* [Problem to solve]:
Using the records below, output the stretch that opens with the line containing "0, 0), (1, 0, 0)))" and closes with the line containing "extrude(amount=BOSS_EXTRUDE1_DEPTH, both=True)", exactly and including both lines, with nothing more.

* [Data records]:
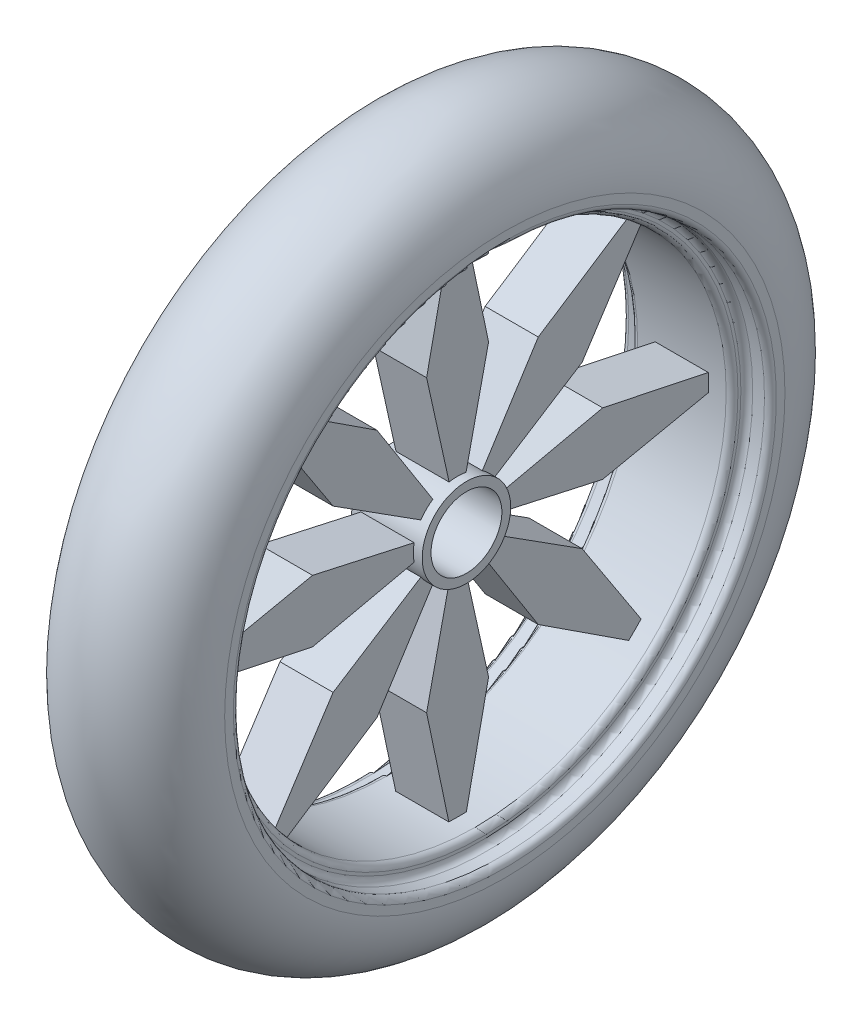
from build123d import *

# Parameters (mm, degrees)
SKETCH2_R           = 90
SKETCH2_R_2         = 85
BOSS_EXTRUDE1_DEPTH = 17
SKETCH3_R           = 15
SKETCH3_R_2         = 12
BOSS_EXTRUDE2_DEPTH = 12
FILLET1_R           = 2
BOSS_EXTRUDE3_DEPTH = 9
CIRPATTERN1_COUNT   = 8


with BuildPart() as part:
    # Sketch1 → Revolve1 (revolve)
    with BuildSketch(Plane.XY, mode=Mode.PRIVATE) as revolve1_sk:
        with BuildLine():
            Line((25, 94.930938799), (25, 90))
            Line((25, 90), (-25, 90))
            Line((-25, 90), (-25, 94.930938799))
            ThreePointArc((-25, 94.930938799), (0, 119.930938799), (25, 94.930938799))
        make_face()
    revolve(revolve1_sk.sketch.rotate(Axis((0, 0, 0), (1, 0, 0)), 90), axis=Axis((0, 0, 0), (1, 0, 0)))

    # Sketch2 → Boss-Extrude1 (add, symmetric)
    with BuildSketch(Plane(origin=(0, 0, 0), x_dir=(0, 0, -1), z_dir=(1, 0, 0))):
        with Locations(Location((0, 0, 0), (0, 0, 180))):
            Circle(SKETCH2_R)
        Circle(SKETCH2_R_2, mode=Mode.SUBTRACT)
    extrude(amount=BOSS_EXTRUDE1_DEPTH, both=True)

    # Fillet1
    fillet1_edges = [part.edges().sort_by_distance(p)[0] for p in [
        (-17, 0, -90),
        (17, 0, -90),
        (-17, 0, 85),
        (17, 0, 85),
        (-25, 0, -90),
        (25, 0, -90),
    ]]
    fillet(fillet1_edges, radius=FILLET1_R)



with BuildPart() as body_2:
    # Sketch3 → Boss-Extrude2 (new, symmetric)
    with BuildSketch(Plane(origin=(0, 0, 0), x_dir=(0, 0, -1), z_dir=(1, 0, 0))):
        with Locations(Location((0, 0, 0), (0, 0, 180))):
            Circle(SKETCH3_R)
        with Locations(Location((0, 0, 0), (0, 0, 180))):
            Circle(SKETCH3_R_2, mode=Mode.SUBTRACT)
    extrude(amount=BOSS_EXTRUDE2_DEPTH, both=True)


with BuildPart() as part_1:
    add(part.part)

    add(body_2.part)  # Boss-Extrude3 merges body 2
    # Sketch4 → Boss-Extrude3 (add, symmetric)
    with BuildSketch(Plane(origin=(0, 0, 0), x_dir=(0, 0, -1), z_dir=(1, 0, 0))):
        Polygon((-2.552768196, 86.962540065), (-10.497348074, 49.156301409), (-2.523426033, 13.169872653), (2.523426033, 13.169872653), (10.497348074, 49.156301409), (2.552768196, 86.962540065), align=None)
    boss_extrude3 = extrude(amount=BOSS_EXTRUDE3_DEPTH, both=True)

    # CirPattern1: Boss-Extrude3 ×8 about axis
    cirpattern1_axis = Axis((0, 0, 0), (1, 0, 0))
    for i in range(1, CIRPATTERN1_COUNT):
        add(boss_extrude3.rotate(cirpattern1_axis, i * 360 / CIRPATTERN1_COUNT))


solid = part_1.part

* [Answer to this task]:
    revolve(revolve1_sk.sketch.rotate(Axis((0, 0, 0), (1, 0, 0)), 90), axis=Axis((0, 0, 0), (1, 0, 0)))

    # Sketch2 → Boss-Extrude1 (add, symmetric)
    with BuildSketch(Plane(origin=(0, 0, 0), x_dir=(0, 0, -1), z_dir=(1, 0, 0))):
        with Locations(Location((0, 0, 0), (0, 0, 180))):
            Circle(SKETCH2_R)
        Circle(SKETCH2_R_2, mode=Mode.SUBTRACT)
    extrude(amount=BOSS_EXTRUDE1_DEPTH, both=True)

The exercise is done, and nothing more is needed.